Your instructions> If a line below contains "direction", count it; then state how many such lines there are, and nothing else.

The records>
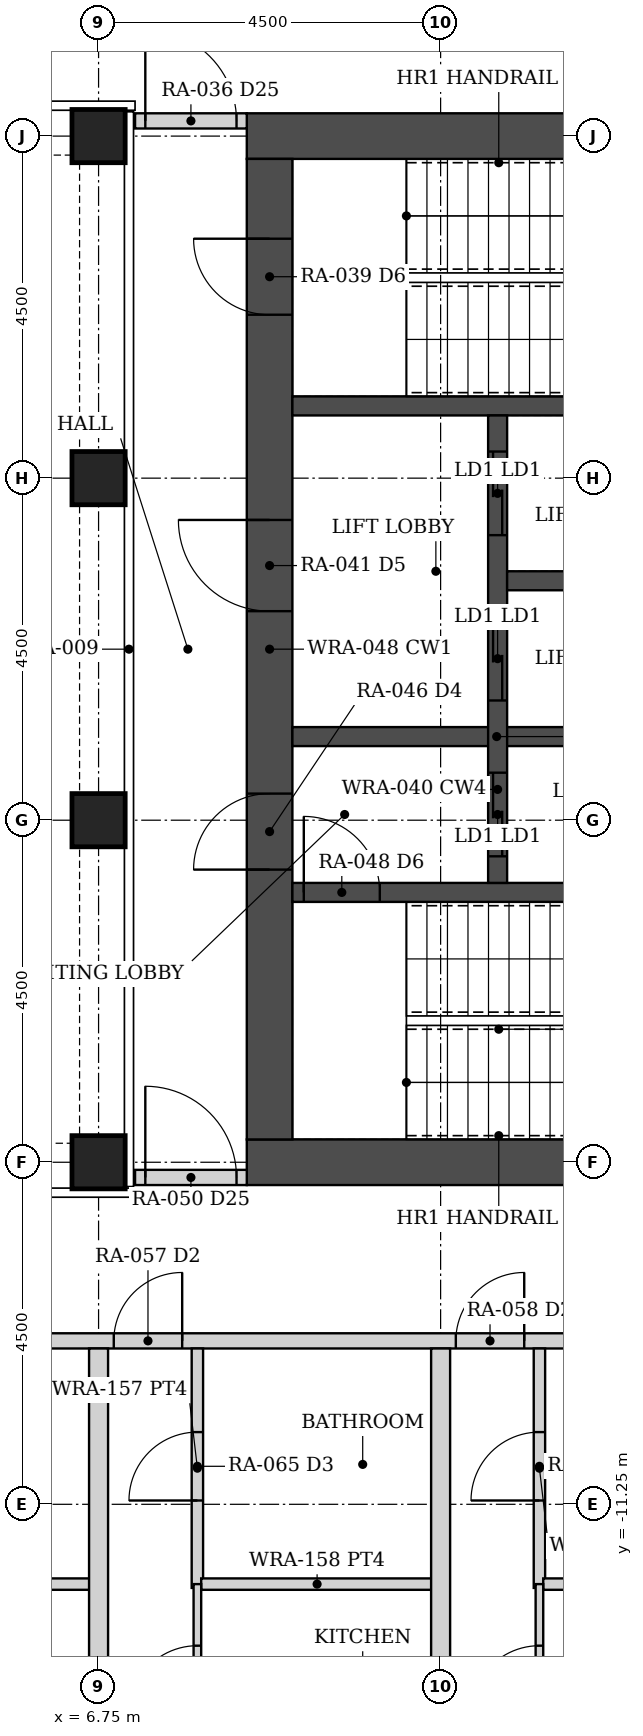
"""IFC4 building model, lengths in metres.
Left out: names, types, materials, properties, quantities, classifications, styles, units other than length and angle.
Written with IfcOpenShell. Run it as: python <this file> out.ifc"""

import sys

from ifc_helpers import new_model, si_unit, direction, frame, frame_2d, origin, origin_2d, place, context, subcontext, project, spatial, rectangle, hollow_rectangle, extrude, element, fill, save


model = new_model("IFC4")
c1 = context("Model", 3, precision=1e-05, world=origin(), true_north=direction((0.0, 1.0)))
c2 = subcontext(c1, "Body", "Model", "MODEL_VIEW")
j1 = project(units=[si_unit("LENGTHUNIT", "METRE"), si_unit("PLANEANGLEUNIT", "RADIAN")], contexts=[c1])
p1 = place(None, origin())
s1 = spatial("IfcSite", under=j1, at=p1, CompositionType="ELEMENT")
p2 = place(p1, origin())
s2 = spatial("IfcBuilding", under=s1, at=p2, CompositionType="ELEMENT")
p3 = place(p2, frame((0.0, 0.0, 26.5)))
s3 = spatial("IfcBuildingStorey", under=s2, at=p3, CompositionType="ELEMENT", Elevation=26.5)
for number, where, z_axis, x_axis in (
    (1, (6.75, -6.75, 0.0), (0.0, 0.0, 1.0), (1.0, 0.0, 0.0)),
    (2, (6.75, -2.25, 0.0), (0.0, 0.0, 1.0), (1.0, 0.0, 0.0)),
    (3, (6.75, 2.25, 0.0), (0.0, 0.0, 1.0), (1.0, 0.0, 0.0)),
    (4, (6.75, 6.75, 0.0), (0.0, 0.0, 1.0), (1.0, 0.0, 0.0)),
):
    element("IfcColumn", number, at=place(p3, frame(where, z_axis=z_axis, x_axis=x_axis)), inside=s3, PredefinedType="COLUMN", context=c2, shape_type="SweptSolid", body=[
        extrude(hollow_rectangle(XDim=0.7, YDim=0.7, WallThickness=0.07, at=origin_2d()), origin(), (0.0, 0.0, 1.0), 3.5),
    ])
for number, where, z_axis, x_axis in (
    (5, (8.7, -6.75, 0.0), (0.0, 0.0, 1.0), (1.0, 0.0, 0.0)),
    (6, (8.7, 6.75, 0.0), (0.0, 0.0, 1.0), (1.0, 0.0, 0.0)),
):
    element("IfcWall", number, at=place(p3, frame(where, z_axis=z_axis, x_axis=x_axis)), inside=s3, PredefinedType="SHEAR", context=c2, shape_type="SweptSolid", body=[
        extrude(rectangle(XDim=9.6, YDim=0.6, at=frame_2d((4.8, 0.0))), origin(), (0.0, 0.0, 1.0), 3.5),
    ])
p4 = place(p3, frame((9.0, -6.45, 0.0), z_axis=(0.0, 0.0, 1.0), x_axis=(0.0, 1.0, 0.0)))
e7 = element("IfcWall", 7, at=p4, inside=s3, PredefinedType="SHEAR", context=c2, shape_type="SweptSolid", body=[
    extrude(rectangle(XDim=12.9, YDim=0.6, at=frame_2d((6.45, 0.0))), origin(), (0.0, 0.0, 1.0), 3.5),
])
p5 = place(p4, frame((3.55, 0.0, 0.0)))
e8 = element("IfcOpeningElement", 8, at=p5, cuts=e7, PredefinedType="OPENING", context=c2, shape_type="SweptSolid", body=[
    extrude(rectangle(XDim=1.0, YDim=2.1, at=frame_2d((0.5, 1.05))), frame((0.0, 0.31, 0.0), z_axis=(0.0, -1.0, 0.0), x_axis=(1.0, 0.0, 0.0)), (0.0, 0.0, 1.0), 0.62),
])
p6 = place(p4, frame((6.95, 0.0, 0.0)))
e9 = element("IfcOpeningElement", 9, at=p6, cuts=e7, PredefinedType="OPENING", context=c2, shape_type="SweptSolid", body=[
    extrude(rectangle(XDim=1.2, YDim=2.1, at=frame_2d((0.6, 1.05))), frame((0.0, 0.31, 0.0), z_axis=(0.0, -1.0, 0.0), x_axis=(1.0, 0.0, 0.0)), (0.0, 0.0, 1.0), 0.62),
])
p7 = place(p4, frame((10.85, 0.0, 0.0)))
e10 = element("IfcOpeningElement", 10, at=p7, cuts=e7, PredefinedType="OPENING", context=c2, shape_type="SweptSolid", body=[
    extrude(rectangle(XDim=1.0, YDim=2.1, at=frame_2d((0.5, 1.05))), frame((0.0, 0.31, 0.0), z_axis=(0.0, -1.0, 0.0), x_axis=(1.0, 0.0, 0.0)), (0.0, 0.0, 1.0), 0.62),
])
p8 = place(p3, frame((9.3, -3.2, 0.0), z_axis=(0.0, 0.0, 1.0), x_axis=(1.0, 0.0, 0.0)))
e11 = element("IfcWall", 11, at=p8, inside=s3, PredefinedType="SHEAR", context=c2, shape_type="SweptSolid", body=[
    extrude(rectangle(XDim=8.4, YDim=0.25, at=frame_2d((4.2, 0.0))), origin(), (0.0, 0.0, 1.0), 3.5),
])
p9 = place(p8, frame((0.15, 0.0, 0.0)))
e12 = element("IfcOpeningElement", 12, at=p9, cuts=e11, PredefinedType="OPENING", context=c2, shape_type="SweptSolid", body=[
    extrude(rectangle(XDim=1.0, YDim=2.1, at=frame_2d((0.5, 1.05))), frame((0.0, 0.135, 0.0), z_axis=(0.0, -1.0, 0.0), x_axis=(1.0, 0.0, 0.0)), (0.0, 0.0, 1.0), 0.27),
])
p10 = place(p3, frame((9.3, 3.2, 0.0), z_axis=(0.0, 0.0, 1.0), x_axis=(1.0, 0.0, 0.0)))
e13 = element("IfcWall", 13, at=p10, inside=s3, PredefinedType="SHEAR", context=c2, shape_type="SweptSolid", body=[
    extrude(rectangle(XDim=8.4, YDim=0.25, at=frame_2d((4.2, 0.0))), origin(), (0.0, 0.0, 1.0), 3.5),
])
p11 = place(p3, frame((9.3, -1.15, 0.0), z_axis=(0.0, 0.0, 1.0), x_axis=(1.0, 0.0, 0.0)))
e14 = element("IfcWall", 14, at=p11, inside=s3, PredefinedType="SHEAR", context=c2, shape_type="SweptSolid", body=[
    extrude(rectangle(XDim=5.375, YDim=0.25, at=frame_2d((2.688, 0.0))), origin(), (0.0, 0.0, 1.0), 3.5),
])
p12 = place(p3, frame((12.0, -3.075, 0.0), z_axis=(0.0, 0.0, 1.0), x_axis=(0.0, 1.0, 0.0)))
e15 = element("IfcWall", 15, at=p12, inside=s3, PredefinedType="SHEAR", context=c2, shape_type="SweptSolid", body=[
    extrude(rectangle(XDim=6.15, YDim=0.25, at=frame_2d((3.075, 0.0))), origin(), (0.0, 0.0, 1.0), 3.5),
])
p13 = place(p12, frame((0.35, 0.0, 0.0)))
e16 = element("IfcOpeningElement", 16, at=p13, cuts=e15, PredefinedType="OPENING", context=c2, shape_type="SweptSolid", body=[
    extrude(rectangle(XDim=1.1, YDim=2.1, at=frame_2d((0.55, 1.05))), frame((0.0, 0.135, 0.0), z_axis=(0.0, -1.0, 0.0), x_axis=(1.0, 0.0, 0.0)), (0.0, 0.0, 1.0), 0.27),
])
p14 = place(p12, frame((2.4, 0.0, 0.0)))
e17 = element("IfcOpeningElement", 17, at=p14, cuts=e15, PredefinedType="OPENING", context=c2, shape_type="SweptSolid", body=[
    extrude(rectangle(XDim=1.1, YDim=2.1, at=frame_2d((0.55, 1.05))), frame((0.0, 0.135, 0.0), z_axis=(0.0, -1.0, 0.0), x_axis=(1.0, 0.0, 0.0)), (0.0, 0.0, 1.0), 0.27),
])
p15 = place(p12, frame((4.575, 0.0, 0.0)))
e18 = element("IfcOpeningElement", 18, at=p15, cuts=e15, PredefinedType="OPENING", context=c2, shape_type="SweptSolid", body=[
    extrude(rectangle(XDim=1.1, YDim=2.1, at=frame_2d((0.55, 1.05))), frame((0.0, 0.135, 0.0), z_axis=(0.0, -1.0, 0.0), x_axis=(1.0, 0.0, 0.0)), (0.0, 0.0, 1.0), 0.27),
])
p16 = place(p3, frame((12.125, 0.9, 0.0), z_axis=(0.0, 0.0, 1.0), x_axis=(1.0, 0.0, 0.0)))
e19 = element("IfcWall", 19, at=p16, inside=s3, PredefinedType="SHEAR", context=c2, shape_type="SweptSolid", body=[
    extrude(rectangle(XDim=2.55, YDim=0.25, at=frame_2d((1.275, 0.0))), origin(), (0.0, 0.0, 1.0), 3.5),
])
p17 = place(p3, frame((7.23, 6.95, 0.0), z_axis=(0.0, 0.0, 1.0), x_axis=(1.0, 0.0, 0.0)))
e20 = element("IfcWall", 20, at=p17, inside=s3, PredefinedType="PARTITIONING", context=c2, shape_type="SweptSolid", body=[
    extrude(rectangle(XDim=1.47, YDim=0.2, at=frame_2d((0.735, 0.0))), origin(), (0.0, 0.0, 1.0), 2.373),
])
p18 = place(p17, frame((0.135, 0.0, 0.0)))
e21 = element("IfcOpeningElement", 21, at=p18, cuts=e20, PredefinedType="OPENING", context=c2, shape_type="SweptSolid", body=[
    extrude(rectangle(XDim=1.2, YDim=2.1, at=frame_2d((0.6, 1.05))), frame((0.0, 0.11, 0.0), z_axis=(0.0, -1.0, 0.0), x_axis=(1.0, 0.0, 0.0)), (0.0, 0.0, 1.0), 0.22),
])
p19 = place(p3, frame((7.23, -6.95, 0.0), z_axis=(0.0, 0.0, 1.0), x_axis=(1.0, 0.0, 0.0)))
e22 = element("IfcWall", 22, at=p19, inside=s3, PredefinedType="PARTITIONING", context=c2, shape_type="SweptSolid", body=[
    extrude(rectangle(XDim=1.47, YDim=0.2, at=frame_2d((0.735, 0.0))), origin(), (0.0, 0.0, 1.0), 2.373),
])
p20 = place(p19, frame((0.135, 0.0, 0.0)))
e23 = element("IfcOpeningElement", 23, at=p20, cuts=e22, PredefinedType="OPENING", context=c2, shape_type="SweptSolid", body=[
    extrude(rectangle(XDim=1.2, YDim=2.1, at=frame_2d((0.6, 1.05))), frame((0.0, 0.11, 0.0), z_axis=(0.0, -1.0, 0.0), x_axis=(1.0, 0.0, 0.0)), (0.0, 0.0, 1.0), 0.22),
])
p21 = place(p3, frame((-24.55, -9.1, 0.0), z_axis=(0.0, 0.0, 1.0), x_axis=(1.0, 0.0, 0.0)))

Output for this exercise> 2